- _Prompt_: Among the records below, find the line that has "(2245.196, 2144.3995)], flags=0)"; from there, give the lines again exactly, and stop after the line that has "(2356.196, 2282.3995)], flags=16)".

- _Dataset records_:

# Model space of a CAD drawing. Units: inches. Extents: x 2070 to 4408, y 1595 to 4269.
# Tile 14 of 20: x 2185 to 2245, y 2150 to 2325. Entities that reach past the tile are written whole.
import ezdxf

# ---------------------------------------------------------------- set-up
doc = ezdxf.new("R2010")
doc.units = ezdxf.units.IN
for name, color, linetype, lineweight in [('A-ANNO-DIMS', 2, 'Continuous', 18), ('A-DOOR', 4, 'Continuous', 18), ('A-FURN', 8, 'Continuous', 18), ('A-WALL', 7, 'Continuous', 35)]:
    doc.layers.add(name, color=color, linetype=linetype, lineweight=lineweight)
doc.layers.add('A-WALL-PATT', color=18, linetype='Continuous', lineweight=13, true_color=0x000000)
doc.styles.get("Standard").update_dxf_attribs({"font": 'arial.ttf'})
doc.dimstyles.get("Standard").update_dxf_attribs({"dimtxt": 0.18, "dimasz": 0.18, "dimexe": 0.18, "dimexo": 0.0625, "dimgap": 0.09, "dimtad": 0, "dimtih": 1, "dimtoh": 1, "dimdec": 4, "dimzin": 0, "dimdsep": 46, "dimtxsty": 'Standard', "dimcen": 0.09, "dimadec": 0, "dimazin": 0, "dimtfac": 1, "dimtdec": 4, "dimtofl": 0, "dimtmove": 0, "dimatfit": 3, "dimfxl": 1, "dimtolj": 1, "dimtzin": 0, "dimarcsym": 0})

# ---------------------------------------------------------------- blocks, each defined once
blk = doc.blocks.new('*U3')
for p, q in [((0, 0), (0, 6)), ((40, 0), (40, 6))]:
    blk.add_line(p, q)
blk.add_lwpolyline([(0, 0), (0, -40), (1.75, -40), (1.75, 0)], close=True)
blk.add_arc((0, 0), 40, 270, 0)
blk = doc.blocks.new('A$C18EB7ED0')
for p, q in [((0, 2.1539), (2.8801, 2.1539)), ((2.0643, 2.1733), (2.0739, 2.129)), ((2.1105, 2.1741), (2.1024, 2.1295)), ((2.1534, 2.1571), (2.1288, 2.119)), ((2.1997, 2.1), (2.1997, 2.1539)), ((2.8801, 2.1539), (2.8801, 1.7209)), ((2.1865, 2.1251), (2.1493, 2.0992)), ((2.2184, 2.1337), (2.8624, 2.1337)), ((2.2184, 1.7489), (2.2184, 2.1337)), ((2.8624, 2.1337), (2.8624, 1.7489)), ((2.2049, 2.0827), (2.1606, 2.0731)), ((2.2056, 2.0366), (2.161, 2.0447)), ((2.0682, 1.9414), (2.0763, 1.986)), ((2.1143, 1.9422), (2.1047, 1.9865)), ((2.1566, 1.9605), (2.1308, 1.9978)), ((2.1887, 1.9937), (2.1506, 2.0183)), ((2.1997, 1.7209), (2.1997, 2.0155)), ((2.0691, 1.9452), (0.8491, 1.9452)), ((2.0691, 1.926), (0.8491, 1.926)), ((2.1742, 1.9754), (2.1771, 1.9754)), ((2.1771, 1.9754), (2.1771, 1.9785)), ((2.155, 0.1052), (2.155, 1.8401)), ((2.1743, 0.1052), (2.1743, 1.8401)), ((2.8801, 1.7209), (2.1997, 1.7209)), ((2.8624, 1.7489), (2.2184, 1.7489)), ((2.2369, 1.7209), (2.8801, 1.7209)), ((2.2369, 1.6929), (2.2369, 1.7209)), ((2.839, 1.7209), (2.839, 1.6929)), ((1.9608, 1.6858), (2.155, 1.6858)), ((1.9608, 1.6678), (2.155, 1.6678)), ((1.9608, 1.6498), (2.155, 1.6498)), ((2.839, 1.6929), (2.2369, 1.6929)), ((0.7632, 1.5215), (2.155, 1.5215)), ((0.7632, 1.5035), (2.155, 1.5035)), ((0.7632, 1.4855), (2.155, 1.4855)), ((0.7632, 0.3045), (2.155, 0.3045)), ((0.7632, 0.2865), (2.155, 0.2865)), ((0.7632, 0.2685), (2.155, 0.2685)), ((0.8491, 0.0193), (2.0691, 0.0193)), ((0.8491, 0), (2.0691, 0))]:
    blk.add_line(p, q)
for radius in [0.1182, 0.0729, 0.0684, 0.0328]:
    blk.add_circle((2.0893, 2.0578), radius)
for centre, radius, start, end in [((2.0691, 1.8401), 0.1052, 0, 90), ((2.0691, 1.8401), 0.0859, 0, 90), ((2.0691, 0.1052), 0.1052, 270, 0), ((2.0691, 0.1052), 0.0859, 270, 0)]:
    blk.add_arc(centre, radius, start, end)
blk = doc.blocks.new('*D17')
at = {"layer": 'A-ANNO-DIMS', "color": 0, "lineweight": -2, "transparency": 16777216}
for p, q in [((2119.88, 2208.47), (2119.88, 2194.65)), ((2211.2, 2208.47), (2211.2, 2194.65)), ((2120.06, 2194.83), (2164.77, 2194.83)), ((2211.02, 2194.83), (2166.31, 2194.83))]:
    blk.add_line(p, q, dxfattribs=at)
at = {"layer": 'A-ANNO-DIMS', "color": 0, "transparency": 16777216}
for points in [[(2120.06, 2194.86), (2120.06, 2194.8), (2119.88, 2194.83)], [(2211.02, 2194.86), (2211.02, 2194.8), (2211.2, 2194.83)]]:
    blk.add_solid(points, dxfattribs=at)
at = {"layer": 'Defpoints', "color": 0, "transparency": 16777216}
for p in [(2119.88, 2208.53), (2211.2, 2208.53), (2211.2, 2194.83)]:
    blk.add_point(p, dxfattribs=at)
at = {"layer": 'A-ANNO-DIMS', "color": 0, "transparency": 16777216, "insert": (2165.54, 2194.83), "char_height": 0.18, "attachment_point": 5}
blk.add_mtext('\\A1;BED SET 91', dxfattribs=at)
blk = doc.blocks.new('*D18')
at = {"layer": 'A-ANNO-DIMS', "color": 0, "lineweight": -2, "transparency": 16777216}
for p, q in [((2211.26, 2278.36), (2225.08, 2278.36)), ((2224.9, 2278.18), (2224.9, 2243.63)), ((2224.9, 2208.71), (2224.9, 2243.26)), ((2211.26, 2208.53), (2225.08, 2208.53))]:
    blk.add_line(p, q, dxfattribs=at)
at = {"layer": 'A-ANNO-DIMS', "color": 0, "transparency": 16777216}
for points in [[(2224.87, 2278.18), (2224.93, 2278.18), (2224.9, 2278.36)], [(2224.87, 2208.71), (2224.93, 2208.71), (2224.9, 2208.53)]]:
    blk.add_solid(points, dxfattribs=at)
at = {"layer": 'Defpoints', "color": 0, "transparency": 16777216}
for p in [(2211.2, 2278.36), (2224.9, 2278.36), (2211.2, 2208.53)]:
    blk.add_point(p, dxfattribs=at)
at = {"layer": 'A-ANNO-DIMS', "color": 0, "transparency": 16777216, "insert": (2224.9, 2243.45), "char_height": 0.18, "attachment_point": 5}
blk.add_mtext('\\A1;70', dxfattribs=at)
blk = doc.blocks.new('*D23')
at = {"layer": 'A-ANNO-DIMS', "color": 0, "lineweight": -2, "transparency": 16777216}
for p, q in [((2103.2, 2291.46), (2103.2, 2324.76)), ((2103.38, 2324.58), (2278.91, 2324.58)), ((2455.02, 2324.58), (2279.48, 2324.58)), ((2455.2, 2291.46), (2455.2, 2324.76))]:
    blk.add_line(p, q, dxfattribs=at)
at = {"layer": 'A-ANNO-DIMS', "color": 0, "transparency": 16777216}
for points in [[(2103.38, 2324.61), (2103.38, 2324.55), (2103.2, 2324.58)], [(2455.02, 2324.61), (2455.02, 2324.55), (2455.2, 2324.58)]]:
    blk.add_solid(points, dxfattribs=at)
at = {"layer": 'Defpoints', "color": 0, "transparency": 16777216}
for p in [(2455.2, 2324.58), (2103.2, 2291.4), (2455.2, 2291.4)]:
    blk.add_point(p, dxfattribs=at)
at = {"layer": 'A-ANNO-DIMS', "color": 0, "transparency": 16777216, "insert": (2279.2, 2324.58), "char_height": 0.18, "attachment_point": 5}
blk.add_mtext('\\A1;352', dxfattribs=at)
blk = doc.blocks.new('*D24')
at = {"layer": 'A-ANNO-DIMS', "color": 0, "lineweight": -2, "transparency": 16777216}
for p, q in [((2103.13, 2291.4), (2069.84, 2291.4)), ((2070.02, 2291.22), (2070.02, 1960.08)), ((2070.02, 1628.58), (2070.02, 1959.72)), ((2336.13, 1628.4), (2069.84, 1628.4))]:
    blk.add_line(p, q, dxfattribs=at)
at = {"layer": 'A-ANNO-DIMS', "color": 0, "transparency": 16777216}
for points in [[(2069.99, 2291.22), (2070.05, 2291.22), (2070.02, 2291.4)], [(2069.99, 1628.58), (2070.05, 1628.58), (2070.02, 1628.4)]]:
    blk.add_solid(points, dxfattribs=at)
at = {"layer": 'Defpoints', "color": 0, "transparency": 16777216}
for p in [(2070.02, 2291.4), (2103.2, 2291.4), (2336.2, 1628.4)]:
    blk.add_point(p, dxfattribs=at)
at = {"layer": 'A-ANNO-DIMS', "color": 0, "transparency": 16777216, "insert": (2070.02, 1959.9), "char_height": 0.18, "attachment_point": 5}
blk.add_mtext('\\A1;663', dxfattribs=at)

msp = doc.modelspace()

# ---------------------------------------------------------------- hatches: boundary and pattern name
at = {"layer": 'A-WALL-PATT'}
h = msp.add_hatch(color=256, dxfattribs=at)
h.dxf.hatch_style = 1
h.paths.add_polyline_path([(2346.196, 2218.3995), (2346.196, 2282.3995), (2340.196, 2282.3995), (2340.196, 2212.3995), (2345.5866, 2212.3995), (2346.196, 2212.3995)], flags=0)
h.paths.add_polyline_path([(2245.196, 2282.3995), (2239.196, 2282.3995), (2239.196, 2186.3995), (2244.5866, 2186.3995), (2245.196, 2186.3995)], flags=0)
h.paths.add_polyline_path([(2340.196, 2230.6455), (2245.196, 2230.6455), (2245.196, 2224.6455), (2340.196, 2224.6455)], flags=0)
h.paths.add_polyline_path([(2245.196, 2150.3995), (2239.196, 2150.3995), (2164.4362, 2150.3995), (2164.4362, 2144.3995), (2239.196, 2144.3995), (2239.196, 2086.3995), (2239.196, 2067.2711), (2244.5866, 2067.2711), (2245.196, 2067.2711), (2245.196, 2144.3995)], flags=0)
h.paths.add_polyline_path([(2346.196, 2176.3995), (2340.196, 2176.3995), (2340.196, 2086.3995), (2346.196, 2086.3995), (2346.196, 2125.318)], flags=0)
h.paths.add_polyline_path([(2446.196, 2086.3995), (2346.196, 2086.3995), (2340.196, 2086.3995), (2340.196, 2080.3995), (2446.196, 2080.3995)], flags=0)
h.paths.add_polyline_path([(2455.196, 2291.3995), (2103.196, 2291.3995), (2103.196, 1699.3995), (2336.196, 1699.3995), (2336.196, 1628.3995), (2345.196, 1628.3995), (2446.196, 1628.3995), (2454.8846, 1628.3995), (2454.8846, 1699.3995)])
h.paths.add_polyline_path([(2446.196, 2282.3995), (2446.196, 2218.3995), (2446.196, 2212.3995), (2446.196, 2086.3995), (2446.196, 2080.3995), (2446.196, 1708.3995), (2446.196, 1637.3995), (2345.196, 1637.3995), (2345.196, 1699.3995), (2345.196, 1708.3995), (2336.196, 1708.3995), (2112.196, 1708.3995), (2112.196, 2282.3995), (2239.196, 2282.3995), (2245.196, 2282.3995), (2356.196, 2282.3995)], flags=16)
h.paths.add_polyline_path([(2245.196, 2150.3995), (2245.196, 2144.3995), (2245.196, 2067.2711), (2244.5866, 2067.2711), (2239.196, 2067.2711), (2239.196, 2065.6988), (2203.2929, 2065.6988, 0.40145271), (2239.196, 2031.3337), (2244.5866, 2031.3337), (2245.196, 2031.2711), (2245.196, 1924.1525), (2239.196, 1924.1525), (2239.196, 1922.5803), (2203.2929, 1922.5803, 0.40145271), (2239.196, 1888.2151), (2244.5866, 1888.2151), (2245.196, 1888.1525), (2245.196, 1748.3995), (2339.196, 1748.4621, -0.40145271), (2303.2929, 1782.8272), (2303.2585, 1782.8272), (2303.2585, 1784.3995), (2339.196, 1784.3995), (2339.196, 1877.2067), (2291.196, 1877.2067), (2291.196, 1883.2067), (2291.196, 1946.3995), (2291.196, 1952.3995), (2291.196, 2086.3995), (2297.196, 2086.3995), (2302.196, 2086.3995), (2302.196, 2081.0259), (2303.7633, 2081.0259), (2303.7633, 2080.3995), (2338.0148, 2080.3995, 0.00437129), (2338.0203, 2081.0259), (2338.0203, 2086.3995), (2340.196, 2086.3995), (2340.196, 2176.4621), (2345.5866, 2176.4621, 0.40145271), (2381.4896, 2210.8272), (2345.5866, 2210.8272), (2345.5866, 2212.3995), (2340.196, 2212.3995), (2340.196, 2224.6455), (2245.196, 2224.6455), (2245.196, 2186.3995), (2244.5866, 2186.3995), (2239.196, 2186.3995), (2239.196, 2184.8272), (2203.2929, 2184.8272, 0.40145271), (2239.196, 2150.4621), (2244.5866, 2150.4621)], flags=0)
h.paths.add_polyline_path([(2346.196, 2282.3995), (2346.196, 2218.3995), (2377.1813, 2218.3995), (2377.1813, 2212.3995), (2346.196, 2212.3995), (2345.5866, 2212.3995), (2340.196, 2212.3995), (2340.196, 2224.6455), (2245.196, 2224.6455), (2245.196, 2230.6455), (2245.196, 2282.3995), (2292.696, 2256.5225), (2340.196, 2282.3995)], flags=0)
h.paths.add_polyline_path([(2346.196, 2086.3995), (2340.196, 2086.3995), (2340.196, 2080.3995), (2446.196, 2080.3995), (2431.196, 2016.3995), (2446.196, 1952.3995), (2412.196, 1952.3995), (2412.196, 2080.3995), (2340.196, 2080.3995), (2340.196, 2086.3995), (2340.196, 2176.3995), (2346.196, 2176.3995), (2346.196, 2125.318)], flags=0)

- _Task response_:
h.paths.add_polyline_path([(2245.196, 2150.3995), (2239.196, 2150.3995), (2164.4362, 2150.3995), (2164.4362, 2144.3995), (2239.196, 2144.3995), (2239.196, 2086.3995), (2239.196, 2067.2711), (2244.5866, 2067.2711), (2245.196, 2067.2711), (2245.196, 2144.3995)], flags=0)
h.paths.add_polyline_path([(2346.196, 2176.3995), (2340.196, 2176.3995), (2340.196, 2086.3995), (2346.196, 2086.3995), (2346.196, 2125.318)], flags=0)
h.paths.add_polyline_path([(2446.196, 2086.3995), (2346.196, 2086.3995), (2340.196, 2086.3995), (2340.196, 2080.3995), (2446.196, 2080.3995)], flags=0)
h.paths.add_polyline_path([(2455.196, 2291.3995), (2103.196, 2291.3995), (2103.196, 1699.3995), (2336.196, 1699.3995), (2336.196, 1628.3995), (2345.196, 1628.3995), (2446.196, 1628.3995), (2454.8846, 1628.3995), (2454.8846, 1699.3995)])
h.paths.add_polyline_path([(2446.196, 2282.3995), (2446.196, 2218.3995), (2446.196, 2212.3995), (2446.196, 2086.3995), (2446.196, 2080.3995), (2446.196, 1708.3995), (2446.196, 1637.3995), (2345.196, 1637.3995), (2345.196, 1699.3995), (2345.196, 1708.3995), (2336.196, 1708.3995), (2112.196, 1708.3995), (2112.196, 2282.3995), (2239.196, 2282.3995), (2245.196, 2282.3995), (2356.196, 2282.3995)], flags=16)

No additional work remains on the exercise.